* Collected data entries:
=====
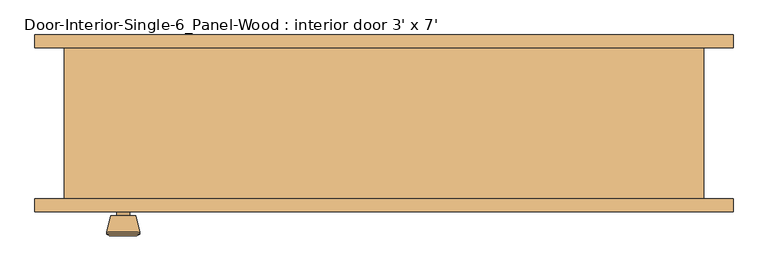
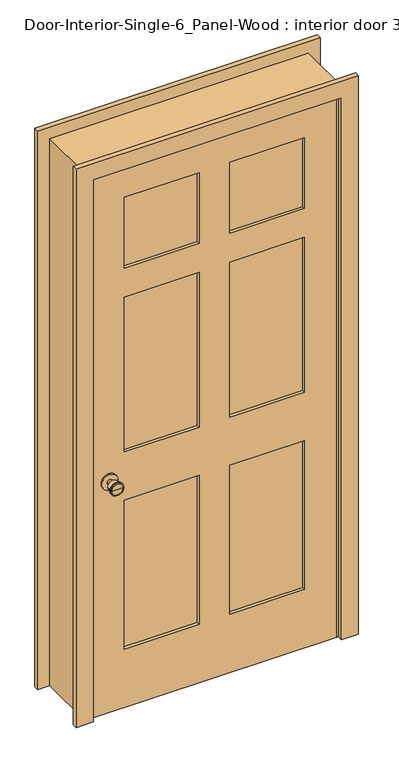
"""IFC4 building model written with IfcOpenShell, lengths in millimetres: door geometry, Door-Interior-Single-6_Panel-Wood : interior door 3' x 7'."""

from ifc_helpers import new_model, si_unit, point, frame, frame_2d, origin, place, context, project, spatial, polyline, circle_curve, trimmed, segment, composite_curve, outline, extrude, faceted_brep, source, transform, mapped, element, save
from ifc_brep_helpers import plane_surface, cylinder_surface, revolved_surface, advanced_brep


def door_interior_single_6_panel_wood_interior_door_3_x_7_c5239341(model_context):
    return source(origin(), model_context, "Body", "SolidModel", [
        advanced_brep(
        [(-393.7, -70.2, 914.4), (-403.7, -70.2, 914.4), (-383.7, -70.2, 914.4), (-373.2241324, -21.2, 914.4), (-414.1758676, -21.2, 914.4), (-393.7, -21.2, 914.4), (-368.7, -23.0278681, 914.4), (-418.7, -23.0278681, 914.4), (-368.7, -26.4915463, 914.4), (-418.7, -26.4915463, 914.4), (-375.063764, -51.2, 914.4), (-412.336236, -51.2, 914.4), (-383.7, -51.2, 914.4), (-403.7, -51.2, 914.4)],
        [
            (0, 1),
            (1, 2, circle_curve(frame((-393.7, -70.2, 914.4), z_axis=(0.0, -1.0, 0.0), x_axis=(-1.0, 0.0, 0.0)), 10.0)),
            (2, 0),
            (2, 1, circle_curve(frame((-393.7, -70.2, 914.4), z_axis=(0.0, -1.0, 0.0), x_axis=(-1.0, 0.0, 0.0)), 10.0)),
            (3, 4, circle_curve(frame((-393.7, -21.2, 914.4), z_axis=(0.0, 1.0, 0.0), x_axis=(-1.0, 0.0, 0.0)), 20.4758676)),
            (4, 5),
            (5, 3),
            (4, 3, circle_curve(frame((-393.7, -21.2, 914.4), z_axis=(0.0, 1.0, 0.0), x_axis=(-1.0, 0.0, 0.0)), 20.4758676)),
            (6, 7, circle_curve(frame((-393.7, -23.0278681, 914.4), z_axis=(0.0, 1.0, 0.0), x_axis=(-1.0, 0.0, 0.0)), 25.0)),
            (7, 4),
            (3, 6),
            (7, 6, circle_curve(frame((-393.7, -23.0278681, 914.4), z_axis=(0.0, 1.0, 0.0), x_axis=(-1.0, 0.0, 0.0)), 25.0)),
            (8, 9, circle_curve(frame((-393.7, -26.4915463, 914.4), z_axis=(0.0, 1.0, 0.0), x_axis=(-1.0, 0.0, 0.0)), 25.0)),
            (9, 7),
            (6, 8),
            (9, 8, circle_curve(frame((-393.7, -26.4915463, 914.4), z_axis=(0.0, 1.0, 0.0), x_axis=(-1.0, 0.0, 0.0)), 25.0)),
            (10, 11, circle_curve(frame((-393.7, -51.2, 914.4), z_axis=(0.0, 1.0, 0.0), x_axis=(-1.0, 0.0, 0.0)), 18.636236)),
            (11, 9),
            (8, 10),
            (11, 10, circle_curve(frame((-393.7, -51.2, 914.4), z_axis=(0.0, 1.0, 0.0), x_axis=(-1.0, 0.0, 0.0)), 18.636236)),
            (12, 13, circle_curve(frame((-393.7, -51.2, 914.4), z_axis=(0.0, 1.0, 0.0), x_axis=(-1.0, 0.0, 0.0)), 10.0)),
            (13, 11),
            (10, 12),
            (13, 12, circle_curve(frame((-393.7, -51.2, 914.4), z_axis=(0.0, 1.0, 0.0), x_axis=(-1.0, 0.0, 0.0)), 10.0)),
            (1, 13),
            (12, 2),
        ],
        [
            plane_surface(frame((-393.7, -70.2, 914.4), z_axis=(0.0, -1.0, 0.0), x_axis=(-1.0, 0.0, 0.0))),
            plane_surface(frame((-393.7, -21.2, 914.4), z_axis=(0.0, 1.0, 0.0), x_axis=(-1.0, 0.0, 0.0))),
            revolved_surface(polyline([(-414.1758676, -21.2, 914.4), (-418.7, -23.0278681, 914.4)]), (-393.7, -70.2, 914.4), (0.0, -1.0, 0.0)),
            cylinder_surface(frame((-393.7, -70.2, 914.4), z_axis=(0.0, -1.0, 0.0), x_axis=(-1.0, 0.0, 0.0)), 25.0),
            revolved_surface(polyline([(-418.7, -26.4915463, 914.4), (-412.336236, -51.2, 914.4)]), (-393.7, -70.2, 914.4), (0.0, -1.0, 0.0)),
            plane_surface(frame((-393.7, -51.2, 914.4), z_axis=(0.0, -1.0, 0.0), x_axis=(-1.0, 0.0, 0.0))),
            cylinder_surface(frame((-393.7, -70.2, 914.4), z_axis=(0.0, -1.0, 0.0), x_axis=(-1.0, 0.0, 0.0)), 10.0),
        ],
        [
            (0, [[1, 2, 3]]),
            (0, [[-3, 4, -1]]),
            (1, [[5, 6, 7]]),
            (1, [[8, -7, -6]]),
            (2, [[9, 10, -5, 11]]),
            (2, [[12, -11, -8, -10]]),
            (3, [[13, 14, -9, 15]]),
            (3, [[16, -15, -12, -14]]),
            (4, [[17, 18, -13, 19]]),
            (4, [[20, -19, -16, -18]]),
            (5, [[21, 22, -17, 23]]),
            (5, [[24, -23, -20, -22]]),
            (6, [[-2, 25, -21, 26]]),
            (6, [[-4, -26, -24, -25]]),
        ],
    ),
        extrude(outline(composite_curve([segment(trimmed(circle_curve(frame_2d((914.4, -393.7)), 30.0), [point((914.4, -423.7))], [point((914.4, -363.7))], False, "CARTESIAN"), True, "CONTINUOUS"), segment(trimmed(circle_curve(frame_2d((914.4, -393.7)), 30.0), [point((914.4, -363.7))], [point((914.4, -423.7))], False, "CARTESIAN"), True, "CONTINUOUS")], self_intersect=False)), frame((0.0, -76.2, 0.0), z_axis=(0.0, 1.0, 0.0), x_axis=(0.0, 0.0, 1.0)), (0.0, 0.0, 1.0), 6.0),
        advanced_brep(
        [(-393.7, -117.125, 914.4), (-383.7, -117.125, 914.4), (-403.7, -117.125, 914.4), (-373.2241324, -166.125, 914.4), (-393.7, -166.125, 914.4), (-414.1758676, -166.125, 914.4), (-368.7, -164.2971319, 914.4), (-418.7, -164.2971319, 914.4), (-368.7, -160.8334537, 914.4), (-418.7, -160.8334537, 914.4), (-375.063764, -136.125, 914.4), (-412.336236, -136.125, 914.4), (-383.7, -136.125, 914.4), (-403.7, -136.125, 914.4)],
        [
            (0, 1),
            (1, 2, circle_curve(frame((-393.7, -117.125, 914.4), z_axis=(0.0, 1.0, 0.0), x_axis=(-1.0, 0.0, 0.0)), 10.0)),
            (2, 0),
            (2, 1, circle_curve(frame((-393.7, -117.125, 914.4), z_axis=(0.0, 1.0, 0.0), x_axis=(-1.0, 0.0, 0.0)), 10.0)),
            (3, 4),
            (4, 5),
            (5, 3, circle_curve(frame((-393.7, -166.125, 914.4), z_axis=(0.0, -1.0, 0.0), x_axis=(-1.0, 0.0, 0.0)), 20.4758676)),
            (3, 5, circle_curve(frame((-393.7, -166.125, 914.4), z_axis=(0.0, -1.0, 0.0), x_axis=(-1.0, 0.0, 0.0)), 20.4758676)),
            (6, 3),
            (5, 7),
            (7, 6, circle_curve(frame((-393.7, -164.2971319, 914.4), z_axis=(0.0, -1.0, 0.0), x_axis=(-1.0, 0.0, 0.0)), 25.0)),
            (6, 7, circle_curve(frame((-393.7, -164.2971319, 914.4), z_axis=(0.0, -1.0, 0.0), x_axis=(-1.0, 0.0, 0.0)), 25.0)),
            (8, 6),
            (7, 9),
            (9, 8, circle_curve(frame((-393.7, -160.8334537, 914.4), z_axis=(0.0, -1.0, 0.0), x_axis=(-1.0, 0.0, 0.0)), 25.0)),
            (8, 9, circle_curve(frame((-393.7, -160.8334537, 914.4), z_axis=(0.0, -1.0, 0.0), x_axis=(-1.0, 0.0, 0.0)), 25.0)),
            (10, 8),
            (9, 11),
            (11, 10, circle_curve(frame((-393.7, -136.125, 914.4), z_axis=(0.0, -1.0, 0.0), x_axis=(-1.0, 0.0, 0.0)), 18.636236)),
            (10, 11, circle_curve(frame((-393.7, -136.125, 914.4), z_axis=(0.0, -1.0, 0.0), x_axis=(-1.0, 0.0, 0.0)), 18.636236)),
            (12, 10),
            (11, 13),
            (13, 12, circle_curve(frame((-393.7, -136.125, 914.4), z_axis=(0.0, -1.0, 0.0), x_axis=(-1.0, 0.0, 0.0)), 10.0)),
            (12, 13, circle_curve(frame((-393.7, -136.125, 914.4), z_axis=(0.0, -1.0, 0.0), x_axis=(-1.0, 0.0, 0.0)), 10.0)),
            (1, 12),
            (13, 2),
        ],
        [
            plane_surface(frame((-393.7, -117.125, 914.4), z_axis=(0.0, 1.0, 0.0), x_axis=(-1.0, 0.0, 0.0))),
            plane_surface(frame((-393.7, -166.125, 914.4), z_axis=(0.0, -1.0, 0.0), x_axis=(-1.0, 0.0, 0.0))),
            revolved_surface(polyline([(-414.1758676, -166.125, 914.4), (-418.7, -164.2971319, 914.4)]), (-393.7, -117.125, 914.4), (0.0, 1.0, 0.0)),
            cylinder_surface(frame((-393.7, -117.125, 914.4), z_axis=(0.0, 1.0, 0.0), x_axis=(-1.0, 0.0, 0.0)), 25.0),
            revolved_surface(polyline([(-418.7, -160.8334537, 914.4), (-412.336236, -136.125, 914.4)]), (-393.7, -117.125, 914.4), (0.0, 1.0, 0.0)),
            plane_surface(frame((-393.7, -136.125, 914.4), z_axis=(0.0, 1.0, 0.0), x_axis=(-1.0, 0.0, 0.0))),
            cylinder_surface(frame((-393.7, -117.125, 914.4), z_axis=(0.0, 1.0, 0.0), x_axis=(-1.0, 0.0, 0.0)), 10.0),
        ],
        [
            (0, [[1, 2, 3]]),
            (0, [[-3, 4, -1]]),
            (1, [[5, 6, 7]]),
            (1, [[-6, -5, 8]]),
            (2, [[9, -7, 10, 11]]),
            (2, [[-10, -8, -9, 12]]),
            (3, [[13, -11, 14, 15]]),
            (3, [[-14, -12, -13, 16]]),
            (4, [[17, -15, 18, 19]]),
            (4, [[-18, -16, -17, 20]]),
            (5, [[21, -19, 22, 23]]),
            (5, [[-22, -20, -21, 24]]),
            (6, [[25, -23, 26, -2]]),
            (6, [[-26, -24, -25, -4]]),
        ],
    ),
        extrude(outline(composite_curve([segment(trimmed(circle_curve(frame_2d((914.4, -393.7)), 30.0), [point((914.4, -423.7))], [point((914.4, -363.7))], False, "CARTESIAN"), True, "CONTINUOUS"), segment(trimmed(circle_curve(frame_2d((914.4, -393.7)), 30.0), [point((914.4, -363.7))], [point((914.4, -423.7))], False, "CARTESIAN"), True, "CONTINUOUS")], self_intersect=False)), frame((0.0, -117.125, 0.0), z_axis=(0.0, 1.0, 0.0), x_axis=(0.0, 0.0, 1.0)), (0.0, 0.0, 1.0), 6.0),
        faceted_brep([(482.6, -111.125, 0.0), (457.2, -111.125, 0.0), (457.2, -76.2, 0.0), (444.5, -76.2, 0.0), (444.5, -41.275, 0.0), (457.2, -41.275, 0.0), (457.2, 117.475, 0.0), (482.6, 117.475, 0.0), (482.6, 117.475, 2159.0), (482.6, -111.125, 2159.0), (457.2, 117.475, 2133.6), (-457.2, 117.475, 2133.6), (-457.2, 117.475, 0.0), (-482.6, 117.475, 0.0), (-482.6, 117.475, 2159.0), (457.2, -41.275, 2133.6), (444.5, -41.275, 2120.9), (-444.5, -41.275, 2120.9), (-444.5, -41.275, 0.0), (-457.2, -41.275, 0.0), (-457.2, -41.275, 2133.6), (444.5, -76.2, 2120.9), (457.2, -76.2, 2133.6), (-457.2, -76.2, 2133.6), (-457.2, -76.2, 0.0), (-444.5, -76.2, 0.0), (-444.5, -76.2, 2120.9), (457.2, -111.125, 2133.6), (-482.6, -111.125, 2159.0), (-482.6, -111.125, 0.0), (-457.2, -111.125, 0.0), (-457.2, -111.125, 2133.6)], [[[0, 1, 2, 3, 4, 5, 6, 7]], [[7, 8, 9, 0]], [[6, 10, 11, 12, 13, 14, 8, 7]], [[5, 15, 10, 6]], [[4, 16, 17, 18, 19, 20, 15, 5]], [[3, 21, 16, 4]], [[2, 22, 23, 24, 25, 26, 21, 3]], [[1, 27, 22, 2]], [[0, 9, 28, 29, 30, 31, 27, 1]], [[8, 14, 28, 9]], [[15, 20, 11, 10]], [[21, 26, 17, 16]], [[27, 31, 23, 22]], [[29, 13, 12, 19, 18, 25, 24, 30]], [[14, 13, 29, 28]], [[20, 19, 12, 11]], [[26, 25, 18, 17]], [[31, 30, 24, 23]]]),
        extrude(outline(polyline([(2133.6, -457.2), (0.0, -457.2), (0.0, 457.2), (2133.6, 457.2), (2133.6, -457.2)]), holes=[polyline([(2014.5375, 57.15), (2014.5375, 336.55), (1735.1375, 336.55), (1735.1375, 57.15), (2014.5375, 57.15)]), polyline([(1620.8375, 336.55), (1009.65, 336.55), (1009.65, 57.15), (1620.8375, 57.15), (1620.8375, 336.55)]), polyline([(1009.65, -57.15), (1009.65, -336.55), (1620.8375, -336.55), (1620.8375, -57.15), (1009.65, -57.15)]), polyline([(1735.1375, -336.55), (2014.5375, -336.55), (2014.5375, -57.15), (1735.1375, -57.15), (1735.1375, -336.55)]), polyline([(819.15, 57.15), (819.15, 336.55), (231.775, 336.55), (231.775, 57.15), (819.15, 57.15)]), polyline([(231.775, -57.15), (231.775, -336.55), (819.15, -336.55), (819.15, -57.15), (231.775, -57.15)])]), frame((0.0, -111.125, 0.0), z_axis=(0.0, 1.0, 0.0), x_axis=(0.0, 0.0, 1.0)), (0.0, 0.0, 1.0), 34.925),
        extrude(outline(polyline([(336.55, -87.8416667), (336.55, -99.4833333), (57.15, -99.4833333), (57.15, -87.8416667), (336.55, -87.8416667)])), frame((0.0, 0.0, 1735.1375), z_axis=(0.0, 0.0, 1.0), x_axis=(1.0, 0.0, 0.0)), (0.0, 0.0, 1.0), 279.4),
        extrude(outline(polyline([(336.55, -87.8416667), (336.55, -99.4833333), (57.15, -99.4833333), (57.15, -87.8416667), (336.55, -87.8416667)])), frame((0.0, 0.0, 1009.65), z_axis=(0.0, 0.0, 1.0), x_axis=(1.0, 0.0, 0.0)), (0.0, 0.0, 1.0), 611.1875),
        extrude(outline(polyline([(-57.15, -87.8416667), (-57.15, -99.4833333), (-336.55, -99.4833333), (-336.55, -87.8416667), (-57.15, -87.8416667)])), frame((0.0, 0.0, 1009.65), z_axis=(0.0, 0.0, 1.0), x_axis=(1.0, 0.0, 0.0)), (0.0, 0.0, 1.0), 611.1875),
        extrude(outline(polyline([(-57.15, -87.8416667), (-57.15, -99.4833333), (-336.55, -99.4833333), (-336.55, -87.8416667), (-57.15, -87.8416667)])), frame((0.0, 0.0, 1735.1375), z_axis=(0.0, 0.0, 1.0), x_axis=(1.0, 0.0, 0.0)), (0.0, 0.0, 1.0), 279.4),
        extrude(outline(polyline([(336.55, -87.8416667), (336.55, -99.4833333), (57.15, -99.4833333), (57.15, -87.8416667), (336.55, -87.8416667)])), frame((0.0, 0.0, 231.775), z_axis=(0.0, 0.0, 1.0), x_axis=(1.0, 0.0, 0.0)), (0.0, 0.0, 1.0), 587.375),
        extrude(outline(polyline([(-57.15, -87.8416667), (-57.15, -99.4833333), (-336.55, -99.4833333), (-336.55, -87.8416667), (-57.15, -87.8416667)])), frame((0.0, 0.0, 231.775), z_axis=(0.0, 0.0, 1.0), x_axis=(1.0, 0.0, 0.0)), (0.0, 0.0, 1.0), 587.375),
        extrude(outline(polyline([(0.0, 527.05), (2203.45, 527.05), (2203.45, -527.05), (0.0, -527.05), (0.0, -463.55), (2139.95, -463.55), (2139.95, 463.55), (0.0, 463.55), (0.0, 527.05)])), frame((0.0, -130.175, 0.0), z_axis=(0.0, 1.0, 0.0), x_axis=(0.0, 0.0, 1.0)), (0.0, 0.0, 1.0), 19.05),
        extrude(outline(polyline([(0.0, 527.05), (2203.45, 527.05), (2203.45, -527.05), (0.0, -527.05), (0.0, -463.55), (2139.95, -463.55), (2139.95, 463.55), (0.0, 463.55), (0.0, 527.05)])), frame((0.0, 117.475, 0.0), z_axis=(0.0, 1.0, 0.0), x_axis=(0.0, 0.0, 1.0)), (0.0, 0.0, 1.0), 19.05),
    ])


if __name__ == "__main__":
    model = new_model("IFC4")
    model_context = context("Model", 3, world=origin())
    ifc_project = project(units=[si_unit("LENGTHUNIT", "METRE", prefix="MILLI")], contexts=[model_context])
    site = spatial("IfcSite", under=ifc_project)
    building = spatial("IfcBuilding", under=site)
    placement = place(None, origin())
    door_interior_single_6_panel_wood_interior_door_3_x_7_shape = door_interior_single_6_panel_wood_interior_door_3_x_7_c5239341(model_context)
    element("IfcDoor", 1, ObjectType="Door-Interior-Single-6_Panel-Wood : interior door 3' x 7'", at=placement, inside=building, context=model_context, shape_type="MappedRepresentation", body=[
        mapped(door_interior_single_6_panel_wood_interior_door_3_x_7_shape, transform((0.0, 0.0, 0.0), x_axis=(1.0, 0.0, 0.0), y_axis=(0.0, 1.0, 0.0), z_axis=(0.0, 0.0, 1.0))),
    ])
    save(model, "model.ifc")

# Revit data of these elements
# Type "Door-Interior-Single-6_Panel-Wood : interior door 3' x 7'"
#   Type Mark = "13"
#   Assembly Code = "C1020300"
#   Analytic Construction = "Wooden"
#   Top Rail = 0' - 4 11/16"
#   Top Panel = 0' - 11"
#   Thickness = 0' - 1 3/8"
#   Thermal Resistance (R) = 2.5876 (h·ft²·°F)/BTU
#   Swing Angle [instance default] = 90.00°
#   Stiles = 0' - 4 3/4"
#   Rough Width = 3' - 2"
#   Rough Height = 7' - 1"
#   Mullion = 0' - 4 1/2"
#   Lock Rail = 0' - 7 1/2"
#   Intermediate Rail = 0' - 4 1/2"
#   Height = 7' - 0"
#   Width = 3' - 0"
#   Heat Transfer Coefficient (U) = 0.3865 BTU/(h·ft²·°F)
#   Bottom Rail = 0' - 9 1/8"
#   Trim Material = Cherry
#   Panel Material = Cherry
#   Frame Material = Cherry
#   Door Handle Material = Aluminum
#   Visual Light Transmittance = 0
#   Solar Heat Gain Coefficient = 0
#   Wall Closure = (empty or 0)
#   Function = (empty or 0)
# Element 1 (IfcDoor, "Door-Interior-Single-6_Panel-Wood : interior door 3' x 7'")
#   Materials on its faces: "Cherry", "Aluminum"
# Materials
#   "Cherry": class "Wood", colour RGB 226 177 128, transparency 0, Description = "Prunus Serotina", Cost = 0
#   "Aluminum": class "Metal", colour RGB 247 247 247, transparency 0, Description = "Aluminum 6061", Cost = 0
=====
* Exercise description:
Wherever the word "Materials" appears in the records above, copy that line.

* Problem solution:
#   Materials on its faces: "Cherry", "Aluminum"
# Materials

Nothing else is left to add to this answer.